• **EXERCISE OBJECTIVE**:
The answer must be every line from the entries below that includes "save".

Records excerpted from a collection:

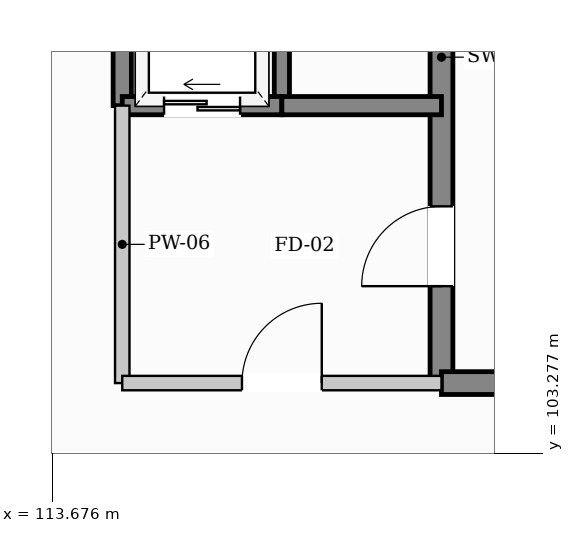
"""IFC4 building model, lengths in metres.
Left out: names, types, materials, properties, quantities, classifications, styles, units other than length and angle.
Written with IfcOpenShell. Run it as: python <this file> out.ifc"""

import sys

from ifc_helpers import new_model, si_unit, direction, frame, frame_2d, origin, place, context, subcontext, project, spatial, rectangle, extrude, element, fill, save


model = new_model("IFC4")
c1 = context("Model", 3, precision=1e-05, world=origin(), true_north=direction((0.0, 1.0)))
c2 = subcontext(c1, "Body", "Model", "MODEL_VIEW")
j1 = project(units=[si_unit("LENGTHUNIT", "METRE"), si_unit("PLANEANGLEUNIT", "RADIAN")], contexts=[c1])
p1 = place(None, origin())
s1 = spatial("IfcSite", under=j1, at=p1, CompositionType="ELEMENT")
p2 = place(p1, origin())
s2 = spatial("IfcBuilding", under=s1, at=p2, CompositionType="ELEMENT")
p3 = place(p2, frame((0.0, 0.0, -4.2)))
s3 = spatial("IfcBuildingStorey", under=s2, at=p3, CompositionType="ELEMENT", Elevation=-4.2)
p4 = place(p3, frame((118.8, 104.2, 0.0), z_axis=(0.0, 0.0, 1.0), x_axis=(0.0, 1.0, 0.0)))
e1 = element("IfcWall", 1, at=p4, inside=s3, PredefinedType="SHEAR", context=c2, shape_type="SweptSolid", body=[
    extrude(rectangle(XDim=6.0, YDim=0.3, at=frame_2d((3.0, 0.0))), origin(), (0.0, 0.0, 1.0), 3.84),
])
p5 = place(p4, frame((1.275, 0.0, 0.0)))
e2 = element("IfcOpeningElement", 2, at=p5, cuts=e1, PredefinedType="OPENING", context=c2, shape_type="SweptSolid", body=[
    extrude(rectangle(XDim=1.05, YDim=2.15, at=frame_2d((0.525, 1.075))), frame((0.0, 0.16, 0.0), z_axis=(0.0, -1.0, 0.0), x_axis=(1.0, 0.0, 0.0)), (0.0, 0.0, 1.0), 0.32),
])
p6 = place(p3, frame((118.8, 104.2, 0.0), z_axis=(0.0, 0.0, 1.0), x_axis=(1.0, 0.0, 0.0)))
e3 = element("IfcWall", 3, at=p6, inside=s3, PredefinedType="SHEAR", context=c2, shape_type="SweptSolid", body=[
    extrude(rectangle(XDim=7.0, YDim=0.3, at=frame_2d((3.5, 0.0))), origin(), (0.0, 0.0, 1.0), 3.84),
])
p7 = place(p3, frame((114.6, 107.85, 0.0), z_axis=(0.0, 0.0, 1.0), x_axis=(0.0, 1.0, 0.0)))
e4 = element("IfcWall", 4, at=p7, inside=s3, PredefinedType="SHEAR", context=c2, shape_type="SweptSolid", body=[
    extrude(rectangle(XDim=2.35, YDim=0.24, at=frame_2d((1.175, 0.0))), origin(), (0.0, 0.0, 1.0), 3.84),
])
p8 = place(p3, frame((116.7, 107.85, 0.0), z_axis=(0.0, 0.0, 1.0), x_axis=(0.0, 1.0, 0.0)))
e5 = element("IfcWall", 5, at=p8, inside=s3, PredefinedType="SHEAR", context=c2, shape_type="SweptSolid", body=[
    extrude(rectangle(XDim=2.35, YDim=0.2, at=frame_2d((1.175, 0.0))), origin(), (0.0, 0.0, 1.0), 3.84),
])
p9 = place(p3, frame((114.6, 107.85, 0.0), z_axis=(0.0, 0.0, 1.0), x_axis=(1.0, 0.0, 0.0)))
e6 = element("IfcWall", 6, at=p9, inside=s3, PredefinedType="SHEAR", context=c2, shape_type="SweptSolid", body=[
    extrude(rectangle(XDim=2.1, YDim=0.24, at=frame_2d((1.05, 0.0))), origin(), (0.0, 0.0, 1.0), 3.84),
])
p10 = place(p9, frame((0.55, 0.0, 0.0)))
e7 = element("IfcOpeningElement", 7, at=p10, cuts=e6, PredefinedType="OPENING", context=c2, shape_type="SweptSolid", body=[
    extrude(rectangle(XDim=1.0, YDim=2.1, at=frame_2d((0.5, 1.05))), frame((0.0, 0.13, 0.0), z_axis=(0.0, -1.0, 0.0), x_axis=(1.0, 0.0, 0.0)), (0.0, 0.0, 1.0), 0.26),
])
p11 = place(p3, frame((116.7, 107.85, 0.0), z_axis=(0.0, 0.0, 1.0), x_axis=(1.0, 0.0, 0.0)))
e8 = element("IfcWall", 8, at=p11, inside=s3, PredefinedType="SHEAR", context=c2, shape_type="SweptSolid", body=[
    extrude(rectangle(XDim=2.1, YDim=0.24, at=frame_2d((1.05, 0.0))), origin(), (0.0, 0.0, 1.0), 3.84),
])
p12 = place(p3, frame((114.6, 104.2, 0.0), z_axis=(0.0, 0.0, 1.0), x_axis=(0.0, 1.0, 0.0)))
e9 = element("IfcWall", 9, at=p12, inside=s3, PredefinedType="PARTITIONING", context=c2, shape_type="SweptSolid", body=[
    extrude(rectangle(XDim=3.65, YDim=0.19, at=frame_2d((1.825, 0.0))), origin(), (0.0, 0.0, 1.0), 3.84),
])
p13 = place(p3, frame((114.6, 104.2, 0.0), z_axis=(0.0, 0.0, 1.0), x_axis=(1.0, 0.0, 0.0)))
e10 = element("IfcWall", 10, at=p13, inside=s3, PredefinedType="PARTITIONING", context=c2, shape_type="SweptSolid", body=[
    extrude(rectangle(XDim=4.2, YDim=0.19, at=frame_2d((2.1, 0.0))), origin(), (0.0, 0.0, 1.0), 3.84),
])
p14 = place(p13, frame((1.575, 0.0, 0.0)))
e11 = element("IfcOpeningElement", 11, at=p14, cuts=e10, PredefinedType="OPENING", context=c2, shape_type="SweptSolid", body=[
    extrude(rectangle(XDim=1.05, YDim=2.15, at=frame_2d((0.525, 1.075))), frame((0.0, 0.105, 0.0), z_axis=(0.0, -1.0, 0.0), x_axis=(1.0, 0.0, 0.0)), (0.0, 0.0, 1.0), 0.21),
])
p15 = place(p5, origin())
e12 = element("IfcDoor", 12, at=p15, inside=s3, OperationType="SINGLE_SWING_LEFT", PredefinedType="DOOR", context=c2, shape_type="SweptSolid", body=[
    extrude(rectangle(XDim=1.05, YDim=2.15, at=frame_2d((0.525, 1.075))), frame((0.0, 0.025, 0.0), z_axis=(0.0, -1.0, 0.0), x_axis=(1.0, 0.0, 0.0)), (0.0, 0.0, 1.0), 0.05),
])
fill(e2, e12)
p16 = place(p10, origin())
e13 = element("IfcDoor", 13, at=p16, inside=s3, OperationType="SLIDING_TO_LEFT", PredefinedType="DOOR", context=c2, shape_type="SweptSolid", body=[
    extrude(rectangle(XDim=1.0, YDim=2.1, at=frame_2d((0.5, 1.05))), frame((0.0, 0.025, 0.0), z_axis=(0.0, -1.0, 0.0), x_axis=(1.0, 0.0, 0.0)), (0.0, 0.0, 1.0), 0.05),
])
fill(e7, e13)
p17 = place(p14, origin())
e14 = element("IfcDoor", 14, at=p17, inside=s3, OperationType="SINGLE_SWING_RIGHT", PredefinedType="DOOR", context=c2, shape_type="SweptSolid", body=[
    extrude(rectangle(XDim=1.05, YDim=2.15, at=frame_2d((0.525, 1.075))), frame((0.0, 0.025, 0.0), z_axis=(0.0, -1.0, 0.0), x_axis=(1.0, 0.0, 0.0)), (0.0, 0.0, 1.0), 0.05),
])
fill(e11, e14)
save(model, sys.argv[1])

• **RESPONSE**:
from ifc_helpers import new_model, si_unit, direction, frame, frame_2d, origin, place, context, subcontext, project, spatial, rectangle, extrude, element, fill, save
save(model, sys.argv[1])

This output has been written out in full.